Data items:

++++++

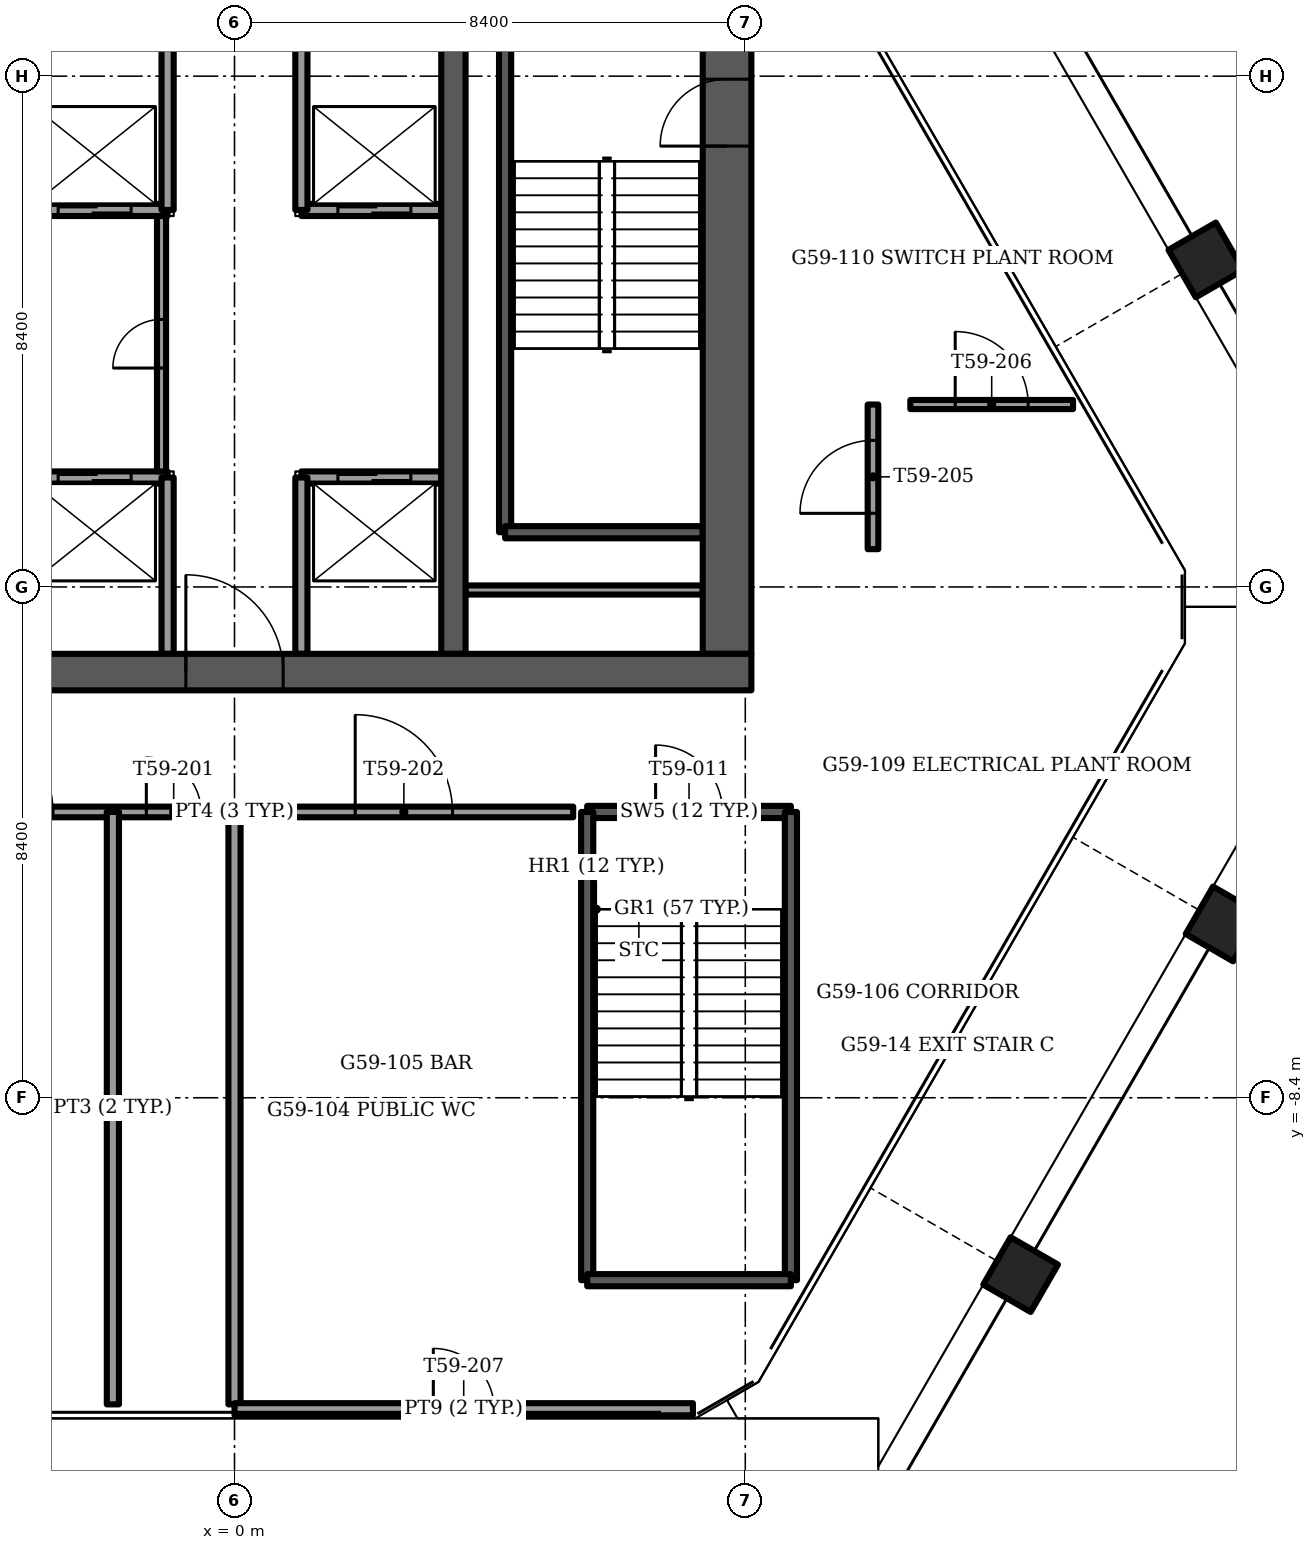
"""IFC4 building model, lengths in metres.
Left out: names, types, materials, properties, quantities, classifications, styles, units other than length and angle.
Written with IfcOpenShell. Run it as: python <this file> out.ifc"""

import sys

from ifc_helpers import new_model, si_unit, direction, frame, frame_2d, origin, origin_2d, place, context, subcontext, project, spatial, rectangle, extrude, element, fill, save


model = new_model("IFC4")
c1 = context("Model", 3, precision=1e-05, world=origin(), true_north=direction((0.0, 1.0)))
c2 = subcontext(c1, "Body", "Model", "MODEL_VIEW")
j1 = project(units=[si_unit("LENGTHUNIT", "METRE"), si_unit("PLANEANGLEUNIT", "RADIAN")], contexts=[c1])
p1 = place(None, origin())
s1 = spatial("IfcSite", under=j1, at=p1, CompositionType="ELEMENT")
p2 = place(p1, origin())
s2 = spatial("IfcBuilding", under=s1, at=p2, CompositionType="ELEMENT")
p3 = place(p2, frame((0.0, 0.0, 237.0)))
s3 = spatial("IfcBuildingStorey", under=s2, at=p3, CompositionType="ELEMENT", Elevation=237.0)
for number, where, z_axis, x_axis in (
    (1, (12.928, -11.308, -1.2), (0.0, 0.0, 1.0), (-0.5, -0.866, 0.0)),
    (2, (16.257, -5.542, -1.2), (0.0, 0.0, 1.0), (-0.5, -0.866, 0.0)),
    (3, (15.974, 5.378, -1.2), (0.0, 0.0, 1.0), (0.5, -0.866, 0.0)),
):
    element("IfcColumn", number, at=place(p3, frame(where, z_axis=z_axis, x_axis=x_axis)), inside=s3, PredefinedType="COLUMN", context=c2, shape_type="SweptSolid", body=[
        extrude(rectangle(XDim=0.9, YDim=0.9, at=origin_2d()), origin(), (0.0, 0.0, 1.0), 8.0),
    ])
p4 = place(p3, frame((-8.5, -1.4, -0.3), z_axis=(0.0, 0.0, 1.0), x_axis=(1.0, 0.0, 0.0)))
e4 = element("IfcWall", 4, at=p4, inside=s3, PredefinedType="SHEAR", context=c2, shape_type="SweptSolid", body=[
    extrude(rectangle(XDim=17.0, YDim=0.6, at=frame_2d((8.5, 0.0))), origin(), (0.0, 0.0, 1.0), 8.0),
])
p5 = place(p4, frame((7.7, 0.0, 0.0)))
e5 = element("IfcOpeningElement", 5, at=p5, cuts=e4, PredefinedType="OPENING", context=c2, shape_type="SweptSolid", body=[
    extrude(rectangle(XDim=1.6, YDim=2.1, at=frame_2d((0.8, 1.05))), frame((0.0, 0.3, 0.0), z_axis=(0.0, -1.0, 0.0), x_axis=(1.0, 0.0, 0.0)), (0.0, 0.0, 1.0), 0.6),
])
p6 = place(p3, frame((8.1, -1.1, -0.3), z_axis=(0.0, 0.0, 1.0), x_axis=(0.0, 1.0, 0.0)))
e6 = element("IfcWall", 6, at=p6, inside=s3, PredefinedType="SHEAR", context=c2, shape_type="SweptSolid", body=[
    extrude(rectangle(XDim=10.2, YDim=0.8, at=frame_2d((5.1, 0.0))), origin(), (0.0, 0.0, 1.0), 8.0),
])
p7 = place(p6, frame((8.35, 0.0, 0.0)))
e7 = element("IfcOpeningElement", 7, at=p7, cuts=e6, PredefinedType="OPENING", context=c2, shape_type="SweptSolid", body=[
    extrude(rectangle(XDim=1.1, YDim=2.1, at=frame_2d((0.55, 1.05))), frame((0.0, 0.4, 0.0), z_axis=(0.0, -1.0, 0.0), x_axis=(1.0, 0.0, 0.0)), (0.0, 0.0, 1.0), 0.8),
])
p8 = place(p3, frame((3.6, -1.1, -0.3), z_axis=(0.0, 0.0, 1.0), x_axis=(0.0, 1.0, 0.0)))
e8 = element("IfcWall", 8, at=p8, inside=s3, PredefinedType="SHEAR", context=c2, shape_type="SweptSolid", body=[
    extrude(rectangle(XDim=10.2, YDim=0.4, at=frame_2d((5.1, 0.0))), origin(), (0.0, 0.0, 1.0), 8.0),
])
p9 = place(p3, frame((-3.4, 1.8, 0.0), z_axis=(0.0, 0.0, 1.0), x_axis=(1.0, 0.0, 0.0)))
e9 = element("IfcWall", 9, at=p9, inside=s3, PredefinedType="PARTITIONING", context=c2, shape_type="SweptSolid", body=[
    extrude(rectangle(XDim=2.3, YDim=0.2, at=frame_2d((1.15, 0.0))), origin(), (0.0, 0.0, 1.0), 7.7),
])
p10 = place(p9, frame((0.5, 0.0, 0.0)))
e10 = element("IfcOpeningElement", 10, at=p10, cuts=e9, PredefinedType="OPENING", context=c2, shape_type="SweptSolid", body=[
    extrude(rectangle(XDim=1.2, YDim=2.1, at=frame_2d((0.6, 1.05))), frame((0.0, 0.1, 0.0), z_axis=(0.0, -1.0, 0.0), x_axis=(1.0, 0.0, 0.0)), (0.0, 0.0, 1.0), 0.2),
])
p11 = place(p3, frame((-3.4, 6.2, 0.0), z_axis=(0.0, 0.0, 1.0), x_axis=(1.0, 0.0, 0.0)))
e11 = element("IfcWall", 11, at=p11, inside=s3, PredefinedType="PARTITIONING", context=c2, shape_type="SweptSolid", body=[
    extrude(rectangle(XDim=2.3, YDim=0.2, at=frame_2d((1.15, 0.0))), origin(), (0.0, 0.0, 1.0), 7.7),
])
p12 = place(p11, frame((0.5, 0.0, 0.0)))
e12 = element("IfcOpeningElement", 12, at=p12, cuts=e11, PredefinedType="OPENING", context=c2, shape_type="SweptSolid", body=[
    extrude(rectangle(XDim=1.2, YDim=2.1, at=frame_2d((0.6, 1.05))), frame((0.0, 0.1, 0.0), z_axis=(0.0, -1.0, 0.0), x_axis=(1.0, 0.0, 0.0)), (0.0, 0.0, 1.0), 0.2),
])
p13 = place(p3, frame((1.1, 1.8, 0.0), z_axis=(0.0, 0.0, 1.0), x_axis=(1.0, 0.0, 0.0)))
e13 = element("IfcWall", 13, at=p13, inside=s3, PredefinedType="PARTITIONING", context=c2, shape_type="SweptSolid", body=[
    extrude(rectangle(XDim=2.3, YDim=0.2, at=frame_2d((1.15, 0.0))), origin(), (0.0, 0.0, 1.0), 7.7),
])
p14 = place(p13, frame((0.6, 0.0, 0.0)))
e14 = element("IfcOpeningElement", 14, at=p14, cuts=e13, PredefinedType="OPENING", context=c2, shape_type="SweptSolid", body=[
    extrude(rectangle(XDim=1.2, YDim=2.1, at=frame_2d((0.6, 1.05))), frame((0.0, 0.1, 0.0), z_axis=(0.0, -1.0, 0.0), x_axis=(1.0, 0.0, 0.0)), (0.0, 0.0, 1.0), 0.2),
])
p15 = place(p3, frame((1.1, 6.2, 0.0), z_axis=(0.0, 0.0, 1.0), x_axis=(1.0, 0.0, 0.0)))
e15 = element("IfcWall", 15, at=p15, inside=s3, PredefinedType="PARTITIONING", context=c2, shape_type="SweptSolid", body=[
    extrude(rectangle(XDim=2.3, YDim=0.2, at=frame_2d((1.15, 0.0))), origin(), (0.0, 0.0, 1.0), 7.7),
])
p16 = place(p15, frame((0.6, 0.0, 0.0)))
e16 = element("IfcOpeningElement", 16, at=p16, cuts=e15, PredefinedType="OPENING", context=c2, shape_type="SweptSolid", body=[
    extrude(rectangle(XDim=1.2, YDim=2.1, at=frame_2d((0.6, 1.05))), frame((0.0, 0.1, 0.0), z_axis=(0.0, -1.0, 0.0), x_axis=(1.0, 0.0, 0.0)), (0.0, 0.0, 1.0), 0.2),
])
for number, where, z_axis, x_axis in (
    (17, (-1.1, -1.1, 0.0), (0.0, 0.0, 1.0), (0.0, 1.0, 0.0)),
    (18, (1.1, -1.1, 0.0), (0.0, 0.0, 1.0), (0.0, 1.0, 0.0)),
    (19, (-1.1, 6.2, 0.0), (0.0, 0.0, 1.0), (0.0, 1.0, 0.0)),
    (20, (1.1, 6.2, 0.0), (0.0, 0.0, 1.0), (0.0, 1.0, 0.0)),
):
    element("IfcWall", number, at=place(p3, frame(where, z_axis=z_axis, x_axis=x_axis)), inside=s3, PredefinedType="PARTITIONING", context=c2, shape_type="SweptSolid", body=[
        extrude(rectangle(XDim=2.9, YDim=0.2, at=frame_2d((1.45, 0.0))), origin(), (0.0, 0.0, 1.0), 7.7),
    ])
p17 = place(p3, frame((4.45, 0.9, -0.3), z_axis=(0.0, 0.0, 1.0), x_axis=(0.0, 1.0, 0.0)))
e21 = element("IfcWall", 21, at=p17, inside=s3, PredefinedType="SOLIDWALL", context=c2, shape_type="SweptSolid", body=[
    extrude(rectangle(XDim=8.2, YDim=0.2, at=frame_2d((4.1, 0.0))), origin(), (0.0, 0.0, 1.0), 8.0),
])
p18 = place(p3, frame((4.45, 0.9, -0.3), z_axis=(0.0, 0.0, 1.0), x_axis=(1.0, 0.0, 0.0)))
e22 = element("IfcWall", 22, at=p18, inside=s3, PredefinedType="SOLIDWALL", context=c2, shape_type="SweptSolid", body=[
    extrude(rectangle(XDim=3.25, YDim=0.2, at=frame_2d((1.625, 0.0))), origin(), (0.0, 0.0, 1.0), 8.0),
])
p19 = place(p3, frame((3.8, -0.05, 0.0), z_axis=(0.0, 0.0, 1.0), x_axis=(1.0, 0.0, 0.0)))
e23 = element("IfcWall", 23, at=p19, inside=s3, PredefinedType="PARTITIONING", context=c2, shape_type="SweptSolid", body=[
    extrude(rectangle(XDim=3.9, YDim=0.15, at=frame_2d((1.95, 0.0))), origin(), (0.0, 0.0, 1.0), 7.7),
])
p20 = place(p3, frame((5.8, -3.7, -0.3), z_axis=(0.0, 0.0, 1.0), x_axis=(1.0, 0.0, 0.0)))
e24 = element("IfcWall", 24, at=p20, inside=s3, PredefinedType="SOLIDWALL", context=c2, shape_type="SweptSolid", body=[
    extrude(rectangle(XDim=3.35, YDim=0.2, at=frame_2d((1.675, 0.0))), origin(), (0.0, 0.0, 1.0), 8.0),
])
p21 = place(p20, frame((1.125, 0.0, 0.0)))
e25 = element("IfcOpeningElement", 25, at=p21, cuts=e24, PredefinedType="OPENING", context=c2, shape_type="SweptSolid", body=[
    extrude(rectangle(XDim=1.1, YDim=2.1, at=frame_2d((0.55, 1.05))), frame((0.0, 0.1, 0.0), z_axis=(0.0, -1.0, 0.0), x_axis=(1.0, 0.0, 0.0)), (0.0, 0.0, 1.0), 0.2),
])
for number, where, z_axis, x_axis in (
    (26, (5.8, -3.7, -0.3), (0.0, 0.0, 1.0), (0.0, -1.0, 0.0)),
    (27, (9.15, -3.7, -0.3), (0.0, 0.0, 1.0), (0.0, -1.0, 0.0)),
):
    element("IfcWall", number, at=place(p3, frame(where, z_axis=z_axis, x_axis=x_axis)), inside=s3, PredefinedType="SOLIDWALL", context=c2, shape_type="SweptSolid", body=[
        extrude(rectangle(XDim=7.7, YDim=0.2, at=frame_2d((3.85, 0.0))), origin(), (0.0, 0.0, 1.0), 8.0),
    ])
p22 = place(p3, frame((5.8, -11.4, -0.3), z_axis=(0.0, 0.0, 1.0), x_axis=(1.0, 0.0, 0.0)))
e28 = element("IfcWall", 28, at=p22, inside=s3, PredefinedType="SOLIDWALL", context=c2, shape_type="SweptSolid", body=[
    extrude(rectangle(XDim=3.35, YDim=0.2, at=frame_2d((1.675, 0.0))), origin(), (0.0, 0.0, 1.0), 8.0),
])
p23 = place(p3, frame((-1.2, 1.9, 0.0), z_axis=(0.0, 0.0, 1.0), x_axis=(0.0, 1.0, 0.0)))
e29 = element("IfcWall", 29, at=p23, inside=s3, PredefinedType="PARTITIONING", context=c2, shape_type="SweptSolid", body=[
    extrude(rectangle(XDim=4.2, YDim=0.15, at=frame_2d((2.1, 0.0))), origin(), (0.0, 0.0, 1.0), 7.7),
])
p24 = place(p23, frame((1.7, 0.0, 0.0)))
e30 = element("IfcOpeningElement", 30, at=p24, cuts=e29, PredefinedType="OPENING", context=c2, shape_type="SweptSolid", body=[
    extrude(rectangle(XDim=0.8, YDim=2.1, at=frame_2d((0.4, 1.05))), frame((0.0, 0.075, 0.0), z_axis=(0.0, -1.0, 0.0), x_axis=(1.0, 0.0, 0.0)), (0.0, 0.0, 1.0), 0.15),
])
p25 = place(p3, frame((-5.57, -3.7, 0.0), z_axis=(0.0, 0.0, 1.0), x_axis=(1.0, 0.0, 0.0)))
e31 = element("IfcWall", 31, at=p25, inside=s3, PredefinedType="PARTITIONING", context=c2, shape_type="SweptSolid", body=[
    extrude(rectangle(XDim=11.14, YDim=0.175, at=frame_2d((5.57, 0.0))), origin(), (0.0, 0.0, 1.0), 7.7),
])
p26 = place(p25, frame((0.985, 0.0, 0.0)))
e32 = element("IfcOpeningElement", 32, at=p26, cuts=e31, PredefinedType="OPENING", context=c2, shape_type="SweptSolid", body=[
    extrude(rectangle(XDim=1.6, YDim=2.1, at=frame_2d((0.8, 1.05))), frame((0.0, 0.087, 0.0), z_axis=(0.0, -1.0, 0.0), x_axis=(1.0, 0.0, 0.0)), (0.0, 0.0, 1.0), 0.175),
])
p27 = place(p25, frame((4.12, 0.0, 0.0)))
e33 = element("IfcOpeningElement", 33, at=p27, cuts=e31, PredefinedType="OPENING", context=c2, shape_type="SweptSolid", body=[
    extrude(rectangle(XDim=0.9, YDim=2.1, at=frame_2d((0.45, 1.05))), frame((0.0, 0.087, 0.0), z_axis=(0.0, -1.0, 0.0), x_axis=(1.0, 0.0, 0.0)), (0.0, 0.0, 1.0), 0.175),
])
p28 = place(p25, frame((7.555, 0.0, 0.0)))
e34 = element("IfcOpeningElement", 34, at=p28, cuts=e31, PredefinedType="OPENING", context=c2, shape_type="SweptSolid", body=[
    extrude(rectangle(XDim=1.6, YDim=2.1, at=frame_2d((0.8, 1.05))), frame((0.0, 0.087, 0.0), z_axis=(0.0, -1.0, 0.0), x_axis=(1.0, 0.0, 0.0)), (0.0, 0.0, 1.0), 0.175),
])
p29 = place(p3, frame((10.5, 0.621, 0.0), z_axis=(0.0, 0.0, 1.0), x_axis=(0.0, 1.0, 0.0)))
e35 = element("IfcWall", 35, at=p29, inside=s3, PredefinedType="PARTITIONING", context=c2, shape_type="SweptSolid", body=[
    extrude(rectangle(XDim=2.379, YDim=0.175, at=frame_2d((1.189, 0.0))), origin(), (0.0, 0.0, 1.0), 7.7),
])
p30 = place(p29, frame((0.589, 0.0, 0.0)))
e36 = element("IfcOpeningElement", 36, at=p30, cuts=e35, PredefinedType="OPENING", context=c2, shape_type="SweptSolid", body=[
    extrude(rectangle(XDim=1.2, YDim=2.1, at=frame_2d((0.6, 1.05))), frame((0.0, 0.087, 0.0), z_axis=(0.0, -1.0, 0.0), x_axis=(1.0, 0.0, 0.0)), (0.0, 0.0, 1.0), 0.175),
])
p31 = place(p3, frame((-2.0, -13.443, 0.0), z_axis=(0.0, 0.0, 1.0), x_axis=(0.0, 1.0, 0.0)))
e37 = element("IfcWall", 37, at=p31, inside=s3, PredefinedType="PARTITIONING", context=c2, shape_type="SweptSolid", body=[
    extrude(rectangle(XDim=9.743, YDim=0.2, at=frame_2d((4.871, 0.0))), origin(), (0.0, 0.0, 1.0), 7.7),
])
p32 = place(p3, frame((0.0, -13.443, 0.0), z_axis=(0.0, 0.0, 1.0), x_axis=(0.0, 1.0, 0.0)))
e38 = element("IfcWall", 38, at=p32, inside=s3, PredefinedType="PARTITIONING", context=c2, shape_type="SweptSolid", body=[
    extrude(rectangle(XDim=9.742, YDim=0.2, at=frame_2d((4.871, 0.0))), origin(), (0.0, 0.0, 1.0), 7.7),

++++++

WHAT YOU ARE ASKED TO DO:
A single number is the whole answer: report how many lines in the data above include the word "SHEAR".

RESPONSE:
3